_ASSIGNED TASK_:
Every line from the first one in the data below through the line holding "from ifc_helpers import" is to be written out exactly, with the pictures omitted.

*** DATA RECORDS ***

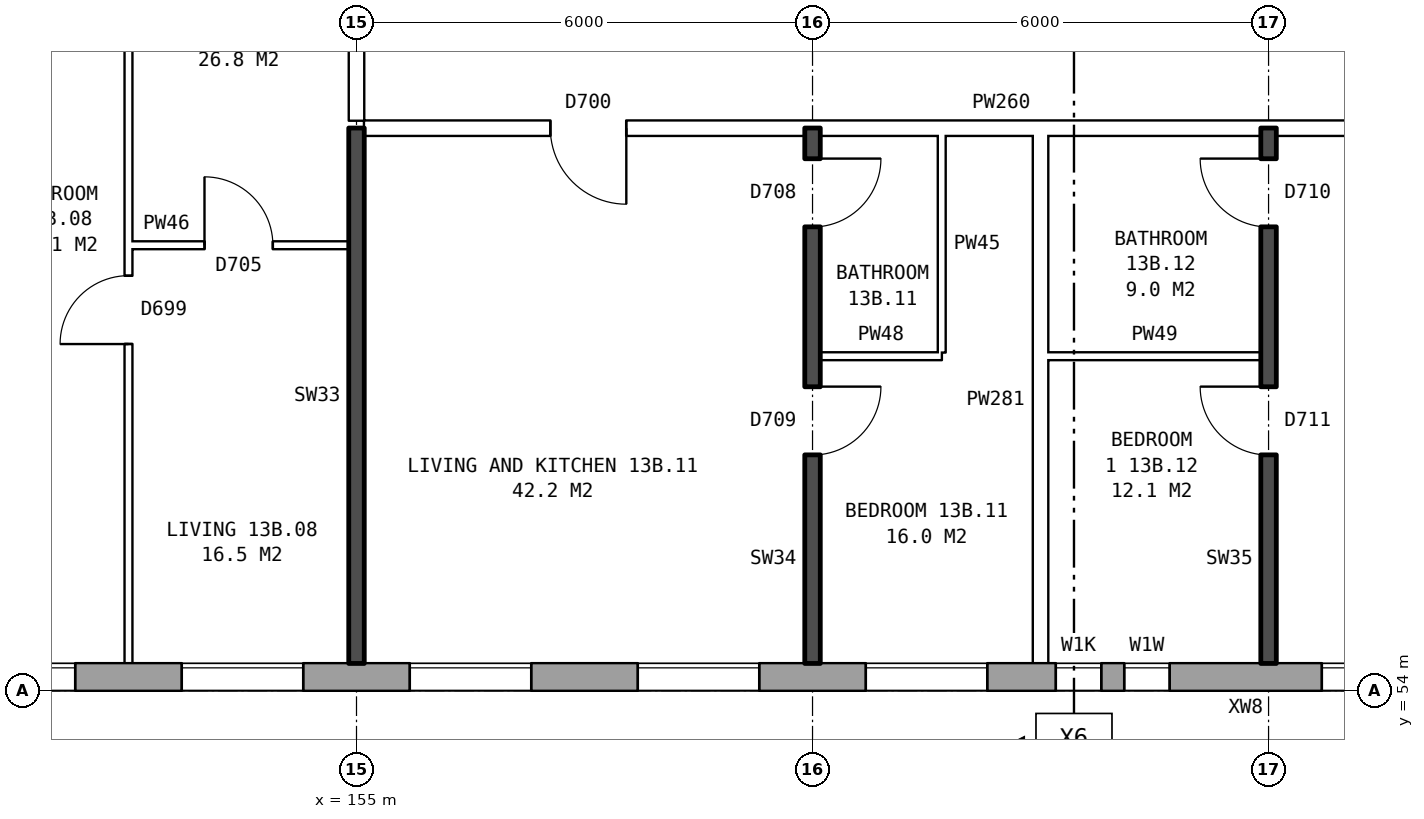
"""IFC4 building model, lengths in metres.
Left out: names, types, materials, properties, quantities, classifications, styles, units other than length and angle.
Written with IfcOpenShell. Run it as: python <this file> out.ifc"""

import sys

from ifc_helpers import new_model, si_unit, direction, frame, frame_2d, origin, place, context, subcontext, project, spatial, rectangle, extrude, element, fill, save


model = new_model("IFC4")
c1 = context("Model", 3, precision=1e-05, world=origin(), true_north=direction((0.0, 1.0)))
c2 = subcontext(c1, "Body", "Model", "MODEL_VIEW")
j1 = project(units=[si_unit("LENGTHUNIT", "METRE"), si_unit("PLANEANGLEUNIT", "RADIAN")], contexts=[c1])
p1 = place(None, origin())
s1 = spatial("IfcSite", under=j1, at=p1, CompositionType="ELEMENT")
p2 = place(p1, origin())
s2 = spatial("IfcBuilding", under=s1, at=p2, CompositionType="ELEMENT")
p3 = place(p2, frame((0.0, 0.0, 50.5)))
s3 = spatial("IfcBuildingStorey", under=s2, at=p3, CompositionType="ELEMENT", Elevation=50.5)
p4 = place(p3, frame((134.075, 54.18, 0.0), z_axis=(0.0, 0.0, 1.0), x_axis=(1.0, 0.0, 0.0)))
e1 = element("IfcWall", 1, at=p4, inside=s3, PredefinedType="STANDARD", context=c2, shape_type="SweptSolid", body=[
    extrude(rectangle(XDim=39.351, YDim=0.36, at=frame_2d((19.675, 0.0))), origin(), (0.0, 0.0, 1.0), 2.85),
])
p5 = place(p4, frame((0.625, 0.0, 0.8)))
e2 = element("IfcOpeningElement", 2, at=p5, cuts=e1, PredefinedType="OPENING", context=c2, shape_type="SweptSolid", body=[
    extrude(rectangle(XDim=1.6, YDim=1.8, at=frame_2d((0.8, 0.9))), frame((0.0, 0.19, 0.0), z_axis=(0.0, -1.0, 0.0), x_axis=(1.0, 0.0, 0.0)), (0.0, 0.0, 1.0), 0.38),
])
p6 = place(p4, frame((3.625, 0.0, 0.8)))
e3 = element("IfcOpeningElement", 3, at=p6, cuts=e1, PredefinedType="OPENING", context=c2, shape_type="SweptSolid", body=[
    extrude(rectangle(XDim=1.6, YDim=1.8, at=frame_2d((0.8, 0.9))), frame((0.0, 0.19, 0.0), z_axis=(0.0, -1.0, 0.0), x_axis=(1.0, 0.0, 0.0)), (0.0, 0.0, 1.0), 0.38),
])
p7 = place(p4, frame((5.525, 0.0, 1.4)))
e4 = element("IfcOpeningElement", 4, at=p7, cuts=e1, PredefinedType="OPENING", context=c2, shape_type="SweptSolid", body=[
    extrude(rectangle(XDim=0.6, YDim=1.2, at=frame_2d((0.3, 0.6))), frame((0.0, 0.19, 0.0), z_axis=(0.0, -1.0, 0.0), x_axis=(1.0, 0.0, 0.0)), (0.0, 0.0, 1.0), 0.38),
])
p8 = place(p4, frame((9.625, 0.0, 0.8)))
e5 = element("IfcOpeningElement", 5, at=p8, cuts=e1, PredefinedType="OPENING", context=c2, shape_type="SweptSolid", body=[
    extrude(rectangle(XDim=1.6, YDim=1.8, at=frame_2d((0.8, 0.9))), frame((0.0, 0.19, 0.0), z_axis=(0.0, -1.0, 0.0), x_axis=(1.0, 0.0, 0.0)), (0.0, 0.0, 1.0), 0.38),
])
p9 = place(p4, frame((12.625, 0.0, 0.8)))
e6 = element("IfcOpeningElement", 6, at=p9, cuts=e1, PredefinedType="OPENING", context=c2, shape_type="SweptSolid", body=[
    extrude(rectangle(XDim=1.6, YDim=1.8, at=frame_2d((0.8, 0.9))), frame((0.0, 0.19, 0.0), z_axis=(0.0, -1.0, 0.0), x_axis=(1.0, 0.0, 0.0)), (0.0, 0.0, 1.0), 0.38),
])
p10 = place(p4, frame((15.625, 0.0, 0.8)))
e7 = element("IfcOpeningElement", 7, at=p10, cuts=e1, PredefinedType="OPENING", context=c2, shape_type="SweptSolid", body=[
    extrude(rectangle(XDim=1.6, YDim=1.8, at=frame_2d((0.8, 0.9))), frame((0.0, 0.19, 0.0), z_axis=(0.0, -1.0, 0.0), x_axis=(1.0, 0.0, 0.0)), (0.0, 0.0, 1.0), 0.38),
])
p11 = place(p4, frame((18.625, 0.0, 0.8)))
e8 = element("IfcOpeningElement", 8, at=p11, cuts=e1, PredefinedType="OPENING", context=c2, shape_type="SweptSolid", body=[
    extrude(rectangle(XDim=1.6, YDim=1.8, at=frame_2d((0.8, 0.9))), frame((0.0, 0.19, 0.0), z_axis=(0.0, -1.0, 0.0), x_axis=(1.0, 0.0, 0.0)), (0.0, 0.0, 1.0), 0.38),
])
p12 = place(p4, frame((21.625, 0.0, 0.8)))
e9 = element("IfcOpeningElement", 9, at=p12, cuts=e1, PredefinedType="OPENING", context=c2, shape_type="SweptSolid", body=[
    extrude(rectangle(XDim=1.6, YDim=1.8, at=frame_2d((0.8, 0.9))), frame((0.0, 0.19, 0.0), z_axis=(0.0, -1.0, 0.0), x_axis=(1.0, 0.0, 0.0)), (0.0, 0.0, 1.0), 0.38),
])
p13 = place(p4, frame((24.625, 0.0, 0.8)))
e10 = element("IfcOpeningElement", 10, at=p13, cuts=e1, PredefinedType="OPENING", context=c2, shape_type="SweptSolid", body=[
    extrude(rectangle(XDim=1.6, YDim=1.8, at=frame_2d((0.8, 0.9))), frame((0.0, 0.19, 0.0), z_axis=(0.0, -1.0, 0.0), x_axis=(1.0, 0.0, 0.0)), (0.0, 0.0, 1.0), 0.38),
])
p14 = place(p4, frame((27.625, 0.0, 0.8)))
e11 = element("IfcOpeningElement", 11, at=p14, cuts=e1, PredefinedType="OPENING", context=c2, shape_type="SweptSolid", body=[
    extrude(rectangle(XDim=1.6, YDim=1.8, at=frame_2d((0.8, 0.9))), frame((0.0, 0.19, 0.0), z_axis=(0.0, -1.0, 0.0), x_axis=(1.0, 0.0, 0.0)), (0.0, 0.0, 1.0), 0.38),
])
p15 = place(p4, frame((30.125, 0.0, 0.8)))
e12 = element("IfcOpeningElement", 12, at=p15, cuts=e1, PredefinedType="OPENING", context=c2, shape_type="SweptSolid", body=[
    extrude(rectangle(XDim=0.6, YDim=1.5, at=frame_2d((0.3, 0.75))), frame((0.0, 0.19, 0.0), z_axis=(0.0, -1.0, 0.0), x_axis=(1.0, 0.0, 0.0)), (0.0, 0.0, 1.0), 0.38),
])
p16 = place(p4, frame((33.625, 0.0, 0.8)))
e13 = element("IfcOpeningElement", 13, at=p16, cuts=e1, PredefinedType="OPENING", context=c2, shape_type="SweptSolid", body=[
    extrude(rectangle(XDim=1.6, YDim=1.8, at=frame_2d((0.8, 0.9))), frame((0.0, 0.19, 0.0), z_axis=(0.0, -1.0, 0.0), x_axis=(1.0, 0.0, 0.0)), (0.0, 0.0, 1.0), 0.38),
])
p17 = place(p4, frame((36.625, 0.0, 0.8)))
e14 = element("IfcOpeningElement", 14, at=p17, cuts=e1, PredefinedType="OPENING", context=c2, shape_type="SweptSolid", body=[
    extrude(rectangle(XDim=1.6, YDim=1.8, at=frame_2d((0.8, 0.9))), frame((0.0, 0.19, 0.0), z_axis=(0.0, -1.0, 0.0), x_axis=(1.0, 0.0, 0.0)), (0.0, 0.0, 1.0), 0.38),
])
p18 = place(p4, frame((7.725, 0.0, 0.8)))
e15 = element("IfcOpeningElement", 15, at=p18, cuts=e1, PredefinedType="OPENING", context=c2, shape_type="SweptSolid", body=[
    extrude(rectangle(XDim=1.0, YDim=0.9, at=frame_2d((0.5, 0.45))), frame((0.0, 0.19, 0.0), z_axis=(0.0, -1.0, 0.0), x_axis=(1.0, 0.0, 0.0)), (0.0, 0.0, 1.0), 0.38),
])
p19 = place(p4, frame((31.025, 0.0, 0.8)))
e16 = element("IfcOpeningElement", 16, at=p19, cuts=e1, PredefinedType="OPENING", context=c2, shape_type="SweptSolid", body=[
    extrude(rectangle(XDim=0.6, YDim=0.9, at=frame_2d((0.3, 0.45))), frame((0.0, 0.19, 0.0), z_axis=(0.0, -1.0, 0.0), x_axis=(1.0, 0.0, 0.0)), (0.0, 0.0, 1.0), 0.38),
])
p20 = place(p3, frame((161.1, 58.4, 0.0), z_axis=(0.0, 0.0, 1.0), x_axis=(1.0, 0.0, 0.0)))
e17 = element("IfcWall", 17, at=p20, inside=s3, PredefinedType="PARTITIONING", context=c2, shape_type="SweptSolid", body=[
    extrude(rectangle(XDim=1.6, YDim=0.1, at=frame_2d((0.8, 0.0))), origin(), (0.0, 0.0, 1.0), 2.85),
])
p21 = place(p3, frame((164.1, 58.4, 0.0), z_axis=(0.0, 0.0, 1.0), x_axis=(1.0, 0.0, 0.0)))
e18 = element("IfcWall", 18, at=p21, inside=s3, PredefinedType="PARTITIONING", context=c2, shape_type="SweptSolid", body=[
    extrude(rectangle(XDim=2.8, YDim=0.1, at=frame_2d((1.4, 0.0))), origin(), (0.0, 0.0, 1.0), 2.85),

*** End of DATA RECORDS ***

_FINISHED EXERCISE_:
"""IFC4 building model, lengths in metres.
Left out: names, types, materials, properties, quantities, classifications, styles, units other than length and angle.
Written with IfcOpenShell. Run it as: python <this file> out.ifc"""

import sys

from ifc_helpers import new_model, si_unit, direction, frame, frame_2d, origin, place, context, subcontext, project, spatial, rectangle, extrude, element, fill, save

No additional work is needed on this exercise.